Exercise aim:
Using the data beneath this instruction, retype only the lines from the one that contains "12.82), (10.7, 8.12)])" down to the one that contains "8.12), (10.7, 13.2)])", both included, exactly as they appear.

Items listed in a dataset

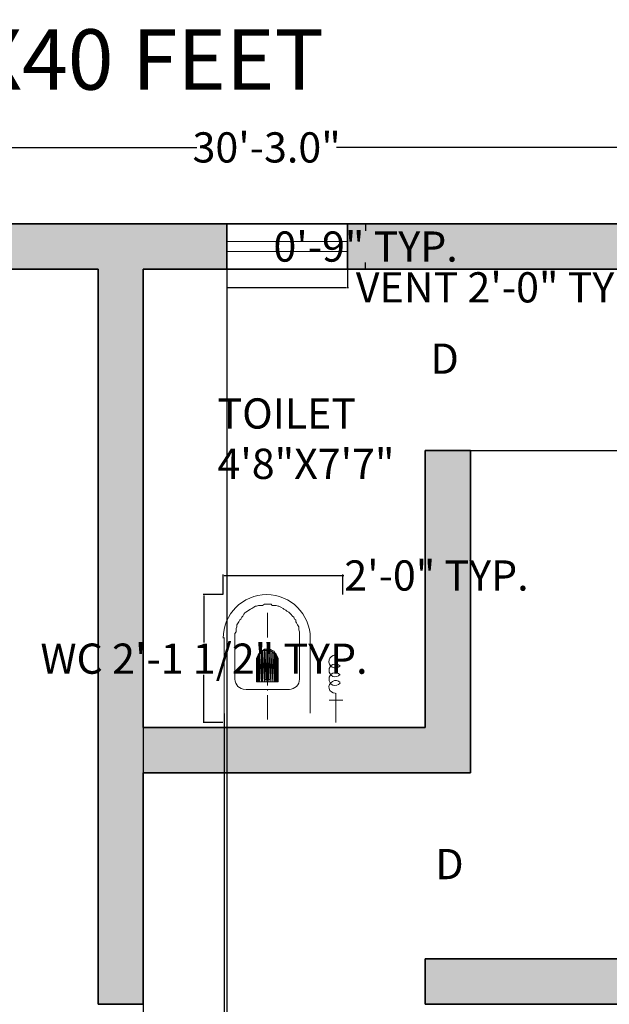
# Model space of a CAD drawing. Units: inches. Extents: x 2552 to 3196, y 4736 to 5443.
# Tile 6 of 8: x 2824 to 2941, y 5136 to 5332. Entities that reach past the tile are written whole.
import ezdxf

# ---------------------------------------------------------------- set-up
doc = ezdxf.new("R2010")
doc.units = ezdxf.units.IN
doc.header["$MEASUREMENT"] = 0
for name, color, linetype, lineweight in [('A-ANNO-DIMS', 2, 'Continuous', 18), ('A-ANNO-TTLB', 7, 'Continuous', 25), ('A-AREA-IDEN', 7, 'Continuous', 18), ('A-DOOR-IDEN', 7, 'Continuous', 18), ('A-FLOR-FIXT', 7, 'Continuous', 18), ('A-GLAZ', 4, 'Continuous', 18), ('A-WALL', 7, 'Continuous', 35)]:
    doc.layers.add(name, color=color, linetype=linetype, lineweight=lineweight)
doc.layers.add('A-WALL-PATT', color=30, linetype='Continuous', lineweight=13, true_color=0xf8991e)
doc.styles.get("Standard").update_dxf_attribs({"font": 'arial.ttf'})
doc.dimstyles.get("Standard").update_dxf_attribs({"dimtxt": 6, "dimasz": 0.18, "dimexe": 0.18, "dimexo": 0.0625, "dimgap": 0.09, "dimtad": 0, "dimtih": 1, "dimtoh": 1, "dimdec": 1, "dimzin": 0, "dimdsep": 46, "dimlunit": 3, "dimtxsty": 'Standard', "dimcen": 0.09, "dimadec": 0, "dimazin": 0, "dimtfac": 1, "dimtdec": 1, "dimtofl": 0, "dimtmove": 0, "dimatfit": 3, "dimfxl": 1, "dimtolj": 1, "dimtzin": 0, "dimarcsym": 0})

# ---------------------------------------------------------------- blocks, each defined once
blk = doc.blocks.new('*D2')
at = {"layer": 'A-ANNO-DIMS', "color": 0, "lineweight": -2, "transparency": 16777216}
for p, q in [((2691.66, 5291.38), (2691.66, 5306.69)), ((2691.84, 5306.51), (2859.27, 5306.51)), ((3054.48, 5306.51), (2887.04, 5306.51)), ((3054.66, 5291.38), (3054.66, 5306.69))]:
    blk.add_line(p, q, dxfattribs=at)
at = {"layer": 'A-ANNO-DIMS', "color": 0, "transparency": 16777216}
for points in [[(2691.84, 5306.54), (2691.84, 5306.48), (2691.66, 5306.51)], [(3054.48, 5306.54), (3054.48, 5306.48), (3054.66, 5306.51)]]:
    blk.add_solid(points, dxfattribs=at)
at = {"layer": 'Defpoints', "color": 0, "transparency": 16777216}
for p in [(3054.66, 5306.51), (2691.66, 5291.32), (3054.66, 5291.32)]:
    blk.add_point(p, dxfattribs=at)
at = {"layer": 'A-ANNO-DIMS', "color": 0, "transparency": 16777216, "insert": (2873.16, 5306.51), "char_height": 6, "attachment_point": 5}
blk.add_mtext('\\A1;30\'-3.0"', dxfattribs=at)
blk = doc.blocks.new('VENT-24IN')
for p, q in [((24, 9), (0, 9)), ((24, 5.5), (0, 5.5)), ((0, 3.5), (24, 3.5)), ((0, 0), (24, 0))]:
    blk.add_line(p, q)
blk = doc.blocks.new('WC-SQUAT')
h = blk.add_hatch(color=256)
h.paths.add_polyline_path([(7.21, 8.12), (7.21, 13.81), (7.05, 8.12)])
h.paths.add_polyline_path([(7.21, 13.81), (7.05, 8.12), (7.05, 13.58)])
h = blk.add_hatch(color=256)
h.paths.add_polyline_path([(7.59, 8.12), (7.59, 14.19), (7.21, 8.12)])
h.paths.add_polyline_path([(7.59, 14.19), (7.21, 8.12), (7.21, 13.81)])
h = blk.add_hatch(color=256)
h.paths.add_polyline_path([(7.81, 8.12), (7.81, 14.34), (7.59, 8.12)])
h.paths.add_polyline_path([(7.81, 14.34), (7.59, 8.12), (7.59, 14.19)])
h = blk.add_hatch(color=256)
h.paths.add_polyline_path([(8.19, 8.12), (8.19, 14.56), (7.81, 8.12)])
h.paths.add_polyline_path([(8.19, 14.56), (7.81, 8.12), (7.81, 14.34)])
h = blk.add_hatch(color=256)
h.paths.add_polyline_path([(8.57, 8.12), (8.57, 14.56), (8.19, 8.12)])
h.paths.add_polyline_path([(8.57, 14.56), (8.19, 8.12), (8.19, 14.56)])
h = blk.add_hatch(color=256)
h.paths.add_polyline_path([(8.95, 8.12), (8.95, 14.56), (8.57, 8.12)])
h.paths.add_polyline_path([(8.95, 14.56), (8.57, 8.12), (8.57, 14.56)])
h = blk.add_hatch(color=256)
h.paths.add_polyline_path([(9.33, 8.12), (9.33, 14.56), (8.95, 8.12)])
h.paths.add_polyline_path([(9.33, 14.56), (8.95, 8.12), (8.95, 14.56)])
h = blk.add_hatch(color=256)
h.paths.add_polyline_path([(9.71, 8.12), (9.71, 14.34), (9.33, 8.12)])
h.paths.add_polyline_path([(9.71, 14.34), (9.33, 8.12), (9.33, 14.56)])
h = blk.add_hatch(color=256)
h.paths.add_polyline_path([(10.16, 8.12), (10.16, 14.19), (9.71, 8.12)])
h.paths.add_polyline_path([(10.16, 14.19), (9.71, 8.12), (9.71, 14.34)])
h = blk.add_hatch(color=256)
h.paths.add_polyline_path([(10.32, 8.12), (10.32, 13.81), (10.16, 8.12)])
h.paths.add_polyline_path([(10.32, 13.81), (10.16, 8.12), (10.16, 14.19)])
h = blk.add_hatch(color=256)
h.paths.add_polyline_path([(10.54, 8.12), (10.54, 13.58), (10.32, 8.12)])
h.paths.add_polyline_path([(10.54, 13.58), (10.32, 8.12), (10.32, 13.81)])
h = blk.add_hatch(color=256)
h.paths.add_polyline_path([(6.83, 8.12), (6.83, 13.2), (6.6, 8.12)])
h.paths.add_polyline_path([(6.83, 13.2), (6.6, 8.12), (6.6, 12.82)])
h.paths.add_polyline_path([(6.6, 8.12), (6.6, 12.82), (6.6, 12.44)])
h = blk.add_hatch(color=256)
h.paths.add_polyline_path([(7.05, 8.12), (7.05, 13.58), (6.83, 8.12)])
h.paths.add_polyline_path([(7.05, 13.58), (6.83, 8.12), (6.83, 13.2)])
h = blk.add_hatch(color=256)
h.paths.add_polyline_path([(10.7, 8.12), (10.7, 13.2), (10.54, 8.12)])
h.paths.add_polyline_path([(10.7, 13.2), (10.54, 8.12), (10.54, 13.58)])
h = blk.add_hatch(color=256)
h.paths.add_polyline_path([(10.92, 8.12), (10.92, 12.82), (10.7, 8.12)])
h.paths.add_polyline_path([(10.92, 12.82), (10.7, 8.12), (10.7, 13.2)])
for points in [[(2.35, 15.93), (2.35, 16.69), (2.35, 17.3), (2.35, 17.67), (2.58, 18.05), (2.58, 18.43), (2.58, 18.66), (2.73, 19.04), (2.73, 19.42), (2.96, 19.8), (3.11, 20.03), (3.34, 20.41), (3.49, 20.56), (3.72, 20.94), (3.94, 21.16), (4.1, 21.54), (4.32, 21.77), (4.48, 21.92), (4.85, 22.15), (5.08, 22.3), (5.46, 22.53), (5.69, 22.68), (6.07, 22.91), (6.45, 23.14), (6.6, 23.14), (7.05, 23.29), (7.43, 23.29), (7.81, 23.29), (8.19, 23.52), (8.8, 23.52), (9.56, 23.52), (9.71, 23.29), (10.16, 23.29), (10.54, 23.29), (10.92, 23.14), (11.08, 23.14), (11.45, 22.91), (11.91, 22.68), (12.06, 22.53), (12.44, 22.3), (12.67, 22.15), (13.05, 21.92), (13.2, 21.77), (13.43, 21.54), (13.81, 21.16), (14.03, 20.94), (14.19, 20.56), (14.41, 20.41), (14.41, 20.03), (14.56, 19.8), (14.79, 19.42), (15.02, 19.04), (15.02, 18.66), (15.02, 18.43), (15.17, 18.05), (15.17, 17.67), (15.17, 17.3), (15.17, 16.69), (15.17, 15.93)], [(8.8, 16.92), (8.8, 21.77), (8.8, 21.77)], [(0.23, 1.9), (0.23, 16.92), (0.23, 16.92)], [(2.35, 8.72), (2.35, 15.93), (2.35, 15.93)], [(15.17, 8.72), (15.17, 15.93), (15.17, 15.93)], [(17.3, 1.9), (17.3, 16.92), (17.3, 16.92)], [(8.8, 7.36), (8.8, 14.94), (8.8, 14.94)], [(6.6, 8.12), (6.6, 12.44), (6.6, 12.44)], [(10.92, 8.12), (10.92, 12.44), (10.92, 12.44)], [(6.6, 8.12), (10.92, 8.12), (10.92, 8.12)], [(8.34, 8.57), (8.57, 8.57), (8.8, 8.57)], [(8.34, 8.57), (8.34, 8.5), (8.34, 8.5)], [(8.8, 8.57), (8.72, 8.5), (8.72, 8.5)], [(8.8, 8.57), (8.95, 8.57), (9.18, 8.57)], [(9.18, 8.57), (9.18, 8.5), (9.18, 8.5)], [(4.48, 6.6), (13.2, 6.6), (13.2, 6.6)], [(8.8, 6.37), (8.72, 6.37), (8.72, 6.37)], [(8.8, 0.61), (8.8, 5.46), (8.8, 5.46)], [(21.04, 4.48), (23.77, 4.48), (23.77, 4.48)], [(22.4, 0), (22.4, 5.84), (22.4, 5.84)]]:
    blk.add_lwpolyline(points)
for points in [[(7.21, 8.12), (7.21, 13.81), (7.05, 8.12)], [(7.21, 13.81), (7.05, 8.12), (7.05, 13.58)], [(7.59, 8.12), (7.59, 14.19), (7.21, 8.12)], [(7.59, 14.19), (7.21, 8.12), (7.21, 13.81)], [(7.81, 8.12), (7.81, 14.34), (7.59, 8.12)], [(7.81, 14.34), (7.59, 8.12), (7.59, 14.19)], [(8.19, 8.12), (8.19, 14.56), (7.81, 8.12)], [(8.19, 14.56), (7.81, 8.12), (7.81, 14.34)], [(8.57, 8.12), (8.57, 14.56), (8.19, 8.12)], [(8.57, 14.56), (8.19, 8.12), (8.19, 14.56)], [(8.95, 8.12), (8.95, 14.56), (8.57, 8.12)], [(8.95, 14.56), (8.57, 8.12), (8.57, 14.56)], [(9.33, 8.12), (9.33, 14.56), (8.95, 8.12)], [(9.33, 14.56), (8.95, 8.12), (8.95, 14.56)], [(9.71, 14.34), (9.33, 8.12), (9.33, 14.56)], [(9.71, 8.12), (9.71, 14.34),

Result for this task:
h.paths.add_polyline_path([(10.92, 8.12), (10.92, 12.82), (10.7, 8.12)])
h.paths.add_polyline_path([(10.92, 12.82), (10.7, 8.12), (10.7, 13.2)])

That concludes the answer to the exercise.